◆ **About this exercise**
Go over the data and copy out each line with "SweptSolid" in it.

(Beginning of Records for processing)

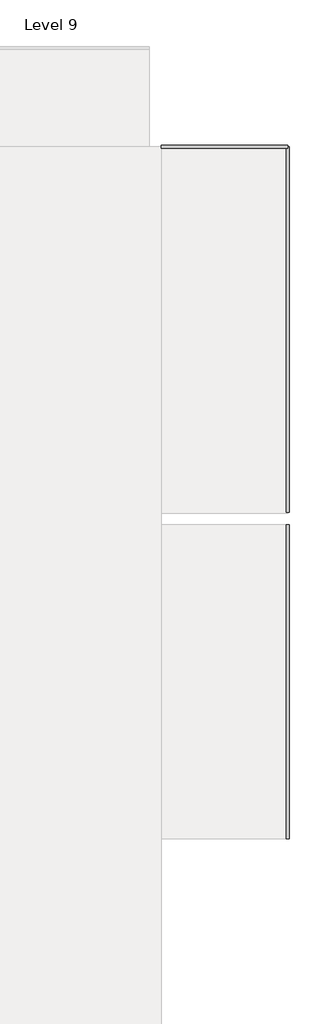
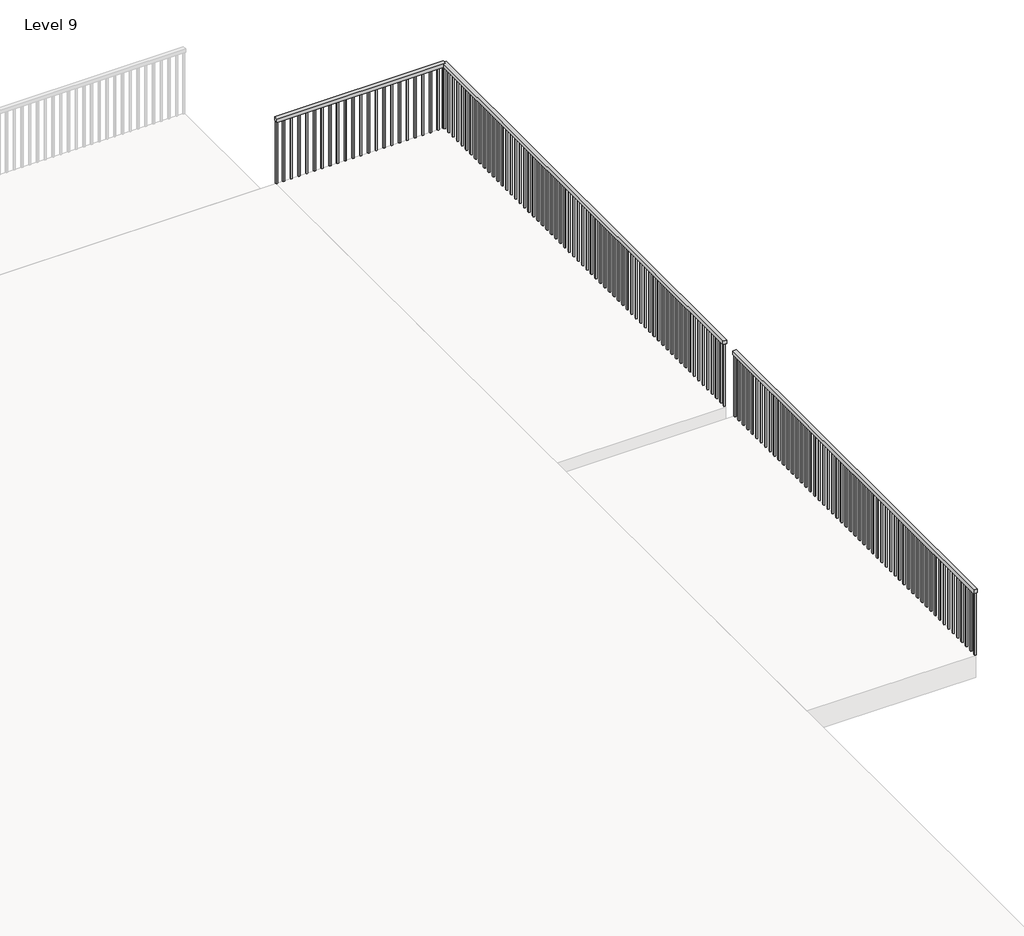
# One storey, part 4 of 5: 3 railings.
"""IFC4 building model written with IfcOpenShell, lengths in millimetres."""

from ifc_helpers import new_model, si_unit, frame, origin, place, context, project, spatial, polyline, outline, extrude, element, save

model = new_model("IFC4")

# Units and contexts
model_context = context("Model", 3, world=origin())
ifc_project = project(units=[si_unit("LENGTHUNIT", "METRE", prefix="MILLI")], contexts=[model_context])

# Site, building, storey
site = spatial("IfcSite", under=ifc_project)
building = spatial("IfcBuilding", under=site)
storey = spatial("IfcBuildingStorey", under=building, Name="Level 9", Elevation=9448.8)

# Railings
placement = place(None, origin())
element("IfcRailing", 1, ObjectType="Handrail - Rectangular", at=placement, inside=storey, context=model_context, shape_type="SweptSolid", body=[
    extrude(outline(polyline([(14106.5361222, 14743.2237525), (14106.5361222, 14794.0237525), (16321.4289933, 14794.0237525), (16321.4289933, 14743.2237525), (14106.5361222, 14743.2237525)])), frame((0.0, 0.0, 10312.4), z_axis=(0.0, 0.0, 1.0), x_axis=(1.0, 0.0, 0.0)), (0.0, 0.0, 1.0), 50.8),
    extrude(outline(polyline([(16230.6111222, 14759.0987525), (16230.6111222, 14778.1487525), (16249.6611222, 14778.1487525), (16249.6611222, 14759.0987525), (16230.6111222, 14759.0987525)])), frame((0.0, 0.0, 9448.8), z_axis=(0.0, 0.0, 1.0), x_axis=(1.0, 0.0, 0.0)), (0.0, 0.0, 1.0), 863.6),
    extrude(outline(polyline([(16129.0111222, 14759.0987525), (16129.0111222, 14778.1487525), (16148.0611222, 14778.1487525), (16148.0611222, 14759.0987525), (16129.0111222, 14759.0987525)])), frame((0.0, 0.0, 9448.8), z_axis=(0.0, 0.0, 1.0), x_axis=(1.0, 0.0, 0.0)), (0.0, 0.0, 1.0), 863.6),
    extrude(outline(polyline([(16027.4111222, 14759.0987525), (16027.4111222, 14778.1487525), (16046.4611222, 14778.1487525), (16046.4611222, 14759.0987525), (16027.4111222, 14759.0987525)])), frame((0.0, 0.0, 9448.8), z_axis=(0.0, 0.0, 1.0), x_axis=(1.0, 0.0, 0.0)), (0.0, 0.0, 1.0), 863.6),
    extrude(outline(polyline([(15925.8111222, 14759.0987525), (15925.8111222, 14778.1487525), (15944.8611222, 14778.1487525), (15944.8611222, 14759.0987525), (15925.8111222, 14759.0987525)])), frame((0.0, 0.0, 9448.8), z_axis=(0.0, 0.0, 1.0), x_axis=(1.0, 0.0, 0.0)), (0.0, 0.0, 1.0), 863.6),
    extrude(outline(polyline([(15824.2111222, 14759.0987525), (15824.2111222, 14778.1487525), (15843.2611222, 14778.1487525), (15843.2611222, 14759.0987525), (15824.2111222, 14759.0987525)])), frame((0.0, 0.0, 9448.8), z_axis=(0.0, 0.0, 1.0), x_axis=(1.0, 0.0, 0.0)), (0.0, 0.0, 1.0), 863.6),
    extrude(outline(polyline([(15722.6111222, 14759.0987525), (15722.6111222, 14778.1487525), (15741.6611222, 14778.1487525), (15741.6611222, 14759.0987525), (15722.6111222, 14759.0987525)])), frame((0.0, 0.0, 9448.8), z_axis=(0.0, 0.0, 1.0), x_axis=(1.0, 0.0, 0.0)), (0.0, 0.0, 1.0), 863.6),
    extrude(outline(polyline([(15621.0111222, 14759.0987525), (15621.0111222, 14778.1487525), (15640.0611222, 14778.1487525), (15640.0611222, 14759.0987525), (15621.0111222, 14759.0987525)])), frame((0.0, 0.0, 9448.8), z_axis=(0.0, 0.0, 1.0), x_axis=(1.0, 0.0, 0.0)), (0.0, 0.0, 1.0), 863.6),
    extrude(outline(polyline([(15519.4111222, 14759.0987525), (15519.4111222, 14778.1487525), (15538.4611222, 14778.1487525), (15538.4611222, 14759.0987525), (15519.4111222, 14759.0987525)])), frame((0.0, 0.0, 9448.8), z_axis=(0.0, 0.0, 1.0), x_axis=(1.0, 0.0, 0.0)), (0.0, 0.0, 1.0), 863.6),
    extrude(outline(polyline([(15417.8111222, 14759.0987525), (15417.8111222, 14778.1487525), (15436.8611222, 14778.1487525), (15436.8611222, 14759.0987525), (15417.8111222, 14759.0987525)])), frame((0.0, 0.0, 9448.8), z_axis=(0.0, 0.0, 1.0), x_axis=(1.0, 0.0, 0.0)), (0.0, 0.0, 1.0), 863.6),
    extrude(outline(polyline([(15316.2111222, 14759.0987525), (15316.2111222, 14778.1487525), (15335.2611222, 14778.1487525), (15335.2611222, 14759.0987525), (15316.2111222, 14759.0987525)])), frame((0.0, 0.0, 9448.8), z_axis=(0.0, 0.0, 1.0), x_axis=(1.0, 0.0, 0.0)), (0.0, 0.0, 1.0), 863.6),
    extrude(outline(polyline([(15214.6111222, 14759.0987525), (15214.6111222, 14778.1487525), (15233.6611222, 14778.1487525), (15233.6611222, 14759.0987525), (15214.6111222, 14759.0987525)])), frame((0.0, 0.0, 9448.8), z_axis=(0.0, 0.0, 1.0), x_axis=(1.0, 0.0, 0.0)), (0.0, 0.0, 1.0), 863.6),
    extrude(outline(polyline([(15113.0111222, 14759.0987525), (15113.0111222, 14778.1487525), (15132.0611222, 14778.1487525), (15132.0611222, 14759.0987525), (15113.0111222, 14759.0987525)])), frame((0.0, 0.0, 9448.8), z_axis=(0.0, 0.0, 1.0), x_axis=(1.0, 0.0, 0.0)), (0.0, 0.0, 1.0), 863.6),
    extrude(outline(polyline([(15011.4111222, 14759.0987525), (15011.4111222, 14778.1487525), (15030.4611222, 14778.1487525), (15030.4611222, 14759.0987525), (15011.4111222, 14759.0987525)])), frame((0.0, 0.0, 9448.8), z_axis=(0.0, 0.0, 1.0), x_axis=(1.0, 0.0, 0.0)), (0.0, 0.0, 1.0), 863.6),
    extrude(outline(polyline([(14909.8111222, 14759.0987525), (14909.8111222, 14778.1487525), (14928.8611222, 14778.1487525), (14928.8611222, 14759.0987525), (14909.8111222, 14759.0987525)])), frame((0.0, 0.0, 9448.8), z_axis=(0.0, 0.0, 1.0), x_axis=(1.0, 0.0, 0.0)), (0.0, 0.0, 1.0), 863.6),
    extrude(outline(polyline([(14808.2111222, 14759.0987525), (14808.2111222, 14778.1487525), (14827.2611222, 14778.1487525), (14827.2611222, 14759.0987525), (14808.2111222, 14759.0987525)])), frame((0.0, 0.0, 9448.8), z_axis=(0.0, 0.0, 1.0), x_axis=(1.0, 0.0, 0.0)), (0.0, 0.0, 1.0), 863.6),
    extrude(outline(polyline([(14706.6111222, 14759.0987525), (14706.6111222, 14778.1487525), (14725.6611222, 14778.1487525), (14725.6611222, 14759.0987525), (14706.6111222, 14759.0987525)])), frame((0.0, 0.0, 9448.8), z_axis=(0.0, 0.0, 1.0), x_axis=(1.0, 0.0, 0.0)), (0.0, 0.0, 1.0), 863.6),
    extrude(outline(polyline([(14605.0111222, 14759.0987525), (14605.0111222, 14778.1487525), (14624.0611222, 14778.1487525), (14624.0611222, 14759.0987525), (14605.0111222, 14759.0987525)])), frame((0.0, 0.0, 9448.8), z_axis=(0.0, 0.0, 1.0), x_axis=(1.0, 0.0, 0.0)), (0.0, 0.0, 1.0), 863.6),
    extrude(outline(polyline([(14503.4111222, 14759.0987525), (14503.4111222, 14778.1487525), (14522.4611222, 14778.1487525), (14522.4611222, 14759.0987525), (14503.4111222, 14759.0987525)])), frame((0.0, 0.0, 9448.8), z_axis=(0.0, 0.0, 1.0), x_axis=(1.0, 0.0, 0.0)), (0.0, 0.0, 1.0), 863.6),
    extrude(outline(polyline([(14401.8111222, 14759.0987525), (14401.8111222, 14778.1487525), (14420.8611222, 14778.1487525), (14420.8611222, 14759.0987525), (14401.8111222, 14759.0987525)])), frame((0.0, 0.0, 9448.8), z_axis=(0.0, 0.0, 1.0), x_axis=(1.0, 0.0, 0.0)), (0.0, 0.0, 1.0), 863.6),
    extrude(outline(polyline([(14300.2111222, 14759.0987525), (14300.2111222, 14778.1487525), (14319.2611222, 14778.1487525), (14319.2611222, 14759.0987525), (14300.2111222, 14759.0987525)])), frame((0.0, 0.0, 9448.8), z_axis=(0.0, 0.0, 1.0), x_axis=(1.0, 0.0, 0.0)), (0.0, 0.0, 1.0), 863.6),
    extrude(outline(polyline([(14198.6111222, 14759.0987525), (14198.6111222, 14778.1487525), (14217.6611222, 14778.1487525), (14217.6611222, 14759.0987525), (14198.6111222, 14759.0987525)])), frame((0.0, 0.0, 9448.8), z_axis=(0.0, 0.0, 1.0), x_axis=(1.0, 0.0, 0.0)), (0.0, 0.0, 1.0), 863.6),
    extrude(outline(polyline([(16302.3789933, 14759.0987525), (16302.3789933, 14778.1487525), (16321.4289933, 14778.1487525), (16321.4289933, 14759.0987525), (16302.3789933, 14759.0987525)])), frame((0.0, 0.0, 9448.8), z_axis=(0.0, 0.0, 1.0), x_axis=(1.0, 0.0, 0.0)), (0.0, 0.0, 1.0), 863.6),
    extrude(outline(polyline([(14106.5361222, 14759.0987525), (14106.5361222, 14778.1487525), (14125.5861222, 14778.1487525), (14125.5861222, 14759.0987525), (14106.5361222, 14759.0987525)])), frame((0.0, 0.0, 9448.8), z_axis=(0.0, 0.0, 1.0), x_axis=(1.0, 0.0, 0.0)), (0.0, 0.0, 1.0), 863.6),
])
element("IfcRailing", 2, ObjectType="Handrail - Rectangular", at=placement, inside=storey, context=model_context, shape_type="SweptSolid", body=[
    extrude(outline(polyline([(16296.0289933, 14768.6237525), (16346.8289933, 14768.6237525), (16346.8289933, 8386.8737525), (16296.0289933, 8386.8737525), (16296.0289933, 14768.6237525)])), frame((0.0, 0.0, 10312.4), z_axis=(0.0, 0.0, 1.0), x_axis=(1.0, 0.0, 0.0)), (0.0, 0.0, 1.0), 50.8),
    extrude(outline(polyline([(16311.9039933, 8478.9487525), (16330.9539933, 8478.9487525), (16330.9539933, 8459.8987525), (16311.9039933, 8459.8987525), (16311.9039933, 8478.9487525)])), frame((0.0, 0.0, 9448.8), z_axis=(0.0, 0.0, 1.0), x_axis=(1.0, 0.0, 0.0)), (0.0, 0.0, 1.0), 863.6),
    extrude(outline(polyline([(16311.9039933, 8580.5487525), (16330.9539933, 8580.5487525), (16330.9539933, 8561.4987525), (16311.9039933, 8561.4987525), (16311.9039933, 8580.5487525)])), frame((0.0, 0.0, 9448.8), z_axis=(0.0, 0.0, 1.0), x_axis=(1.0, 0.0, 0.0)), (0.0, 0.0, 1.0), 863.6),
    extrude(outline(polyline([(16311.9039933, 8682.1487525), (16330.9539933, 8682.1487525), (16330.9539933, 8663.0987525), (16311.9039933, 8663.0987525), (16311.9039933, 8682.1487525)])), frame((0.0, 0.0, 9448.8), z_axis=(0.0, 0.0, 1.0), x_axis=(1.0, 0.0, 0.0)), (0.0, 0.0, 1.0), 863.6),
    extrude(outline(polyline([(16311.9039933, 8783.7487525), (16330.9539933, 8783.7487525), (16330.9539933, 8764.6987525), (16311.9039933, 8764.6987525), (16311.9039933, 8783.7487525)])), frame((0.0, 0.0, 9448.8), z_axis=(0.0, 0.0, 1.0), x_axis=(1.0, 0.0, 0.0)), (0.0, 0.0, 1.0), 863.6),
    extrude(outline(polyline([(16311.9039933, 8885.3487525), (16330.9539933, 8885.3487525), (16330.9539933, 8866.2987525), (16311.9039933, 8866.2987525), (16311.9039933, 8885.3487525)])), frame((0.0, 0.0, 9448.8), z_axis=(0.0, 0.0, 1.0), x_axis=(1.0, 0.0, 0.0)), (0.0, 0.0, 1.0), 863.6),
    extrude(outline(polyline([(16311.9039933, 8986.9487525), (16330.9539933, 8986.9487525), (16330.9539933, 8967.8987525), (16311.9039933, 8967.8987525), (16311.9039933, 8986.9487525)])), frame((0.0, 0.0, 9448.8), z_axis=(0.0, 0.0, 1.0), x_axis=(1.0, 0.0, 0.0)), (0.0, 0.0, 1.0), 863.6),
    extrude(outline(polyline([(16311.9039933, 9088.5487525), (16330.9539933, 9088.5487525), (16330.9539933, 9069.4987525), (16311.9039933, 9069.4987525), (16311.9039933, 9088.5487525)])), frame((0.0, 0.0, 9448.8), z_axis=(0.0, 0.0, 1.0), x_axis=(1.0, 0.0, 0.0)), (0.0, 0.0, 1.0), 863.6),
    extrude(outline(polyline([(16311.9039933, 9190.1487525), (16330.9539933, 9190.1487525), (16330.9539933, 9171.0987525), (16311.9039933, 9171.0987525), (16311.9039933, 9190.1487525)])), frame((0.0, 0.0, 9448.8), z_axis=(0.0, 0.0, 1.0), x_axis=(1.0, 0.0, 0.0)), (0.0, 0.0, 1.0), 863.6),
    extrude(outline(polyline([(16311.9039933, 9291.7487525), (16330.9539933, 9291.7487525), (16330.9539933, 9272.6987525), (16311.9039933, 9272.6987525), (16311.9039933, 9291.7487525)])), frame((0.0, 0.0, 9448.8), z_axis=(0.0, 0.0, 1.0), x_axis=(1.0, 0.0, 0.0)), (0.0, 0.0, 1.0), 863.6),
    extrude(outline(polyline([(16311.9039933, 9393.3487525), (16330.9539933, 9393.3487525), (16330.9539933, 9374.2987525), (16311.9039933, 9374.2987525), (16311.9039933, 9393.3487525)])), frame((0.0, 0.0, 9448.8), z_axis=(0.0, 0.0, 1.0), x_axis=(1.0, 0.0, 0.0)), (0.0, 0.0, 1.0), 863.6),
    extrude(outline(polyline([(16311.9039933, 9494.9487525), (16330.9539933, 9494.9487525), (16330.9539933, 9475.8987525), (16311.9039933, 9475.8987525), (16311.9039933, 9494.9487525)])), frame((0.0, 0.0, 9448.8), z_axis=(0.0, 0.0, 1.0), x_axis=(1.0, 0.0, 0.0)), (0.0, 0.0, 1.0), 863.6),
    extrude(outline(polyline([(16311.9039933, 9596.5487525), (16330.9539933, 9596.5487525), (16330.9539933, 9577.4987525), (16311.9039933, 9577.4987525), (16311.9039933, 9596.5487525)])), frame((0.0, 0.0, 9448.8), z_axis=(0.0, 0.0, 1.0), x_axis=(1.0, 0.0, 0.0)), (0.0, 0.0, 1.0), 863.6),
    extrude(outline(polyline([(16311.9039933, 9698.1487525), (16330.9539933, 9698.1487525), (16330.9539933, 9679.0987525), (16311.9039933, 9679.0987525), (16311.9039933, 9698.1487525)])), frame((0.0, 0.0, 9448.8), z_axis=(0.0, 0.0, 1.0), x_axis=(1.0, 0.0, 0.0)), (0.0, 0.0, 1.0), 863.6),
    extrude(outline(polyline([(16311.9039933, 9799.7487525), (16330.9539933, 9799.7487525), (16330.9539933, 9780.6987525), (16311.9039933, 9780.6987525), (16311.9039933, 9799.7487525)])), frame((0.0, 0.0, 9448.8), z_axis=(0.0, 0.0, 1.0), x_axis=(1.0, 0.0, 0.0)), (0.0, 0.0, 1.0), 863.6),
    extrude(outline(polyline([(16311.9039933, 9901.3487525), (16330.9539933, 9901.3487525), (16330.9539933, 9882.2987525), (16311.9039933, 9882.2987525), (16311.9039933, 9901.3487525)])), frame((0.0, 0.0, 9448.8), z_axis=(0.0, 0.0, 1.0), x_axis=(1.0, 0.0, 0.0)), (0.0, 0.0, 1.0), 863.6),
    extrude(outline(polyline([(16311.9039933, 10002.9487525), (16330.9539933, 10002.9487525), (16330.9539933, 9983.8987525), (16311.9039933, 9983.8987525), (16311.9039933, 10002.9487525)])), frame((0.0, 0.0, 9448.8), z_axis=(0.0, 0.0, 1.0), x_axis=(1.0, 0.0, 0.0)), (0.0, 0.0, 1.0), 863.6),
    extrude(outline(polyline([(16311.9039933, 10104.5487525), (16330.9539933, 10104.5487525), (16330.9539933, 10085.4987525), (16311.9039933, 10085.4987525), (16311.9039933, 10104.5487525)])), frame((0.0, 0.0, 9448.8), z_axis=(0.0, 0.0, 1.0), x_axis=(1.0, 0.0, 0.0)), (0.0, 0.0, 1.0), 863.6),
    extrude(outline(polyline([(16311.9039933, 10206.1487525), (16330.9539933, 10206.1487525), (16330.9539933, 10187.0987525), (16311.9039933, 10187.0987525), (16311.9039933, 10206.1487525)])), frame((0.0, 0.0, 9448.8), z_axis=(0.0, 0.0, 1.0), x_axis=(1.0, 0.0, 0.0)), (0.0, 0.0, 1.0), 863.6),
    extrude(outline(polyline([(16311.9039933, 10307.7487525), (16330.9539933, 10307.7487525), (16330.9539933, 10288.6987525), (16311.9039933, 10288.6987525), (16311.9039933, 10307.7487525)])), frame((0.0, 0.0, 9448.8), z_axis=(0.0, 0.0, 1.0), x_axis=(1.0, 0.0, 0.0)), (0.0, 0.0, 1.0), 863.6),
    extrude(outline(polyline([(16311.9039933, 10409.3487525), (16330.9539933, 10409.3487525), (16330.9539933, 10390.2987525), (16311.9039933, 10390.2987525), (16311.9039933, 10409.3487525)])), frame((0.0, 0.0, 9448.8), z_axis=(0.0, 0.0, 1.0), x_axis=(1.0, 0.0, 0.0)), (0.0, 0.0, 1.0), 863.6),
    extrude(outline(polyline([(16311.9039933, 10510.9487525), (16330.9539933, 10510.9487525), (16330.9539933, 10491.8987525), (16311.9039933, 10491.8987525), (16311.9039933, 10510.9487525)])), frame((0.0, 0.0, 9448.8), z_axis=(0.0, 0.0, 1.0), x_axis=(1.0, 0.0, 0.0)), (0.0, 0.0, 1.0), 863.6),
    extrude(outline(polyline([(16311.9039933, 10612.5487525), (16330.9539933, 10612.5487525), (16330.9539933, 10593.4987525), (16311.9039933, 10593.4987525), (16311.9039933, 10612.5487525)])), frame((0.0, 0.0, 9448.8), z_axis=(0.0, 0.0, 1.0), x_axis=(1.0, 0.0, 0.0)), (0.0, 0.0, 1.0), 863.6),
    extrude(outline(polyline([(16311.9039933, 10714.1487525), (16330.9539933, 10714.1487525), (16330.9539933, 10695.0987525), (16311.9039933, 10695.0987525), (16311.9039933, 10714.1487525)])), frame((0.0, 0.0, 9448.8), z_axis=(0.0, 0.0, 1.0), x_axis=(1.0, 0.0, 0.0)), (0.0, 0.0, 1.0), 863.6),
    extrude(outline(polyline([(16311.9039933, 10815.7487525), (16330.9539933, 10815.7487525), (16330.9539933, 10796.6987525), (16311.9039933, 10796.6987525), (16311.9039933, 10815.7487525)])), frame((0.0, 0.0, 9448.8), z_axis=(0.0, 0.0, 1.0), x_axis=(1.0, 0.0, 0.0)), (0.0, 0.0, 1.0), 863.6),
    extrude(outline(polyline([(16311.9039933, 10917.3487525), (16330.9539933, 10917.3487525), (16330.9539933, 10898.2987525), (16311.9039933, 10898.2987525), (16311.9039933, 10917.3487525)])), frame((0.0, 0.0, 9448.8), z_axis=(0.0, 0.0, 1.0), x_axis=(1.0, 0.0, 0.0)), (0.0, 0.0, 1.0), 863.6),
    extrude(outline(polyline([(16311.9039933, 11018.9487525), (16330.9539933, 11018.9487525), (16330.9539933, 10999.8987525), (16311.9039933, 10999.8987525), (16311.9039933, 11018.9487525)])), frame((0.0, 0.0, 9448.8), z_axis=(0.0, 0.0, 1.0), x_axis=(1.0, 0.0, 0.0)), (0.0, 0.0, 1.0), 863.6),
    extrude(outline(polyline([(16311.9039933, 11120.5487525), (16330.9539933, 11120.5487525), (16330.9539933, 11101.4987525), (16311.9039933, 11101.4987525), (16311.9039933, 11120.5487525)])), frame((0.0, 0.0, 9448.8), z_axis=(0.0, 0.0, 1.0), x_axis=(1.0, 0.0, 0.0)), (0.0, 0.0, 1.0), 863.6),
    extrude(outline(polyline([(16311.9039933, 11222.1487525), (16330.9539933, 11222.1487525), (16330.9539933, 11203.0987525), (16311.9039933, 11203.0987525), (16311.9039933, 11222.1487525)])), frame((0.0, 0.0, 9448.8), z_axis=(0.0, 0.0, 1.0), x_axis=(1.0, 0.0, 0.0)), (0.0, 0.0, 1.0), 863.6),
    extrude(outline(polyline([(16311.9039933, 11323.7487525), (16330.9539933, 11323.7487525), (16330.9539933, 11304.6987525), (16311.9039933, 11304.6987525), (16311.9039933, 11323.7487525)])), frame((0.0, 0.0, 9448.8), z_axis=(0.0, 0.0, 1.0), x_axis=(1.0, 0.0, 0.0)), (0.0, 0.0, 1.0), 863.6),
    extrude(outline(polyline([(16311.9039933, 11425.3487525), (16330.9539933, 11425.3487525), (16330.9539933, 11406.2987525), (16311.9039933, 11406.2987525), (16311.9039933, 11425.3487525)])), frame((0.0, 0.0, 9448.8), z_axis=(0.0, 0.0, 1.0), x_axis=(1.0, 0.0, 0.0)), (0.0, 0.0, 1.0), 863.6),
    extrude(outline(polyline([(16311.9039933, 11526.9487525), (16330.9539933, 11526.9487525), (16330.9539933, 11507.8987525), (16311.9039933, 11507.8987525), (16311.9039933, 11526.9487525)])), frame((0.0, 0.0, 9448.8), z_axis=(0.0, 0.0, 1.0), x_axis=(1.0, 0.0, 0.0)), (0.0, 0.0, 1.0), 863.6),
    extrude(outline(polyline([(16311.9039933, 11628.5487525), (16330.9539933, 11628.5487525), (16330.9539933, 11609.4987525), (16311.9039933, 11609.4987525), (16311.9039933, 11628.5487525)])), frame((0.0, 0.0, 9448.8), z_axis=(0.0, 0.0, 1.0), x_axis=(1.0, 0.0, 0.0)), (0.0, 0.0, 1.0), 863.6),
    extrude(outline(polyline([(16311.9039933, 11730.1487525), (16330.9539933, 11730.1487525), (16330.9539933, 11711.0987525), (16311.9039933, 11711.0987525), (16311.9039933, 11730.1487525)])), frame((0.0, 0.0, 9448.8), z_axis=(0.0, 0.0, 1.0), x_axis=(1.0, 0.0, 0.0)), (0.0, 0.0, 1.0), 863.6),
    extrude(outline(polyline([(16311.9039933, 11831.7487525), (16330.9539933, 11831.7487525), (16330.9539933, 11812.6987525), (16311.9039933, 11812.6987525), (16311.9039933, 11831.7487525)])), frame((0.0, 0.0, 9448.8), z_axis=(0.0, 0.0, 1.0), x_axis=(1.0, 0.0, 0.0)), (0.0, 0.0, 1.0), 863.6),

(End of Records for processing)

◆ **Answer to this problem**
element("IfcRailing", 1, ObjectType="Handrail - Rectangular", at=placement, inside=storey, context=model_context, shape_type="SweptSolid", body=[
element("IfcRailing", 2, ObjectType="Handrail - Rectangular", at=placement, inside=storey, context=model_context, shape_type="SweptSolid", body=[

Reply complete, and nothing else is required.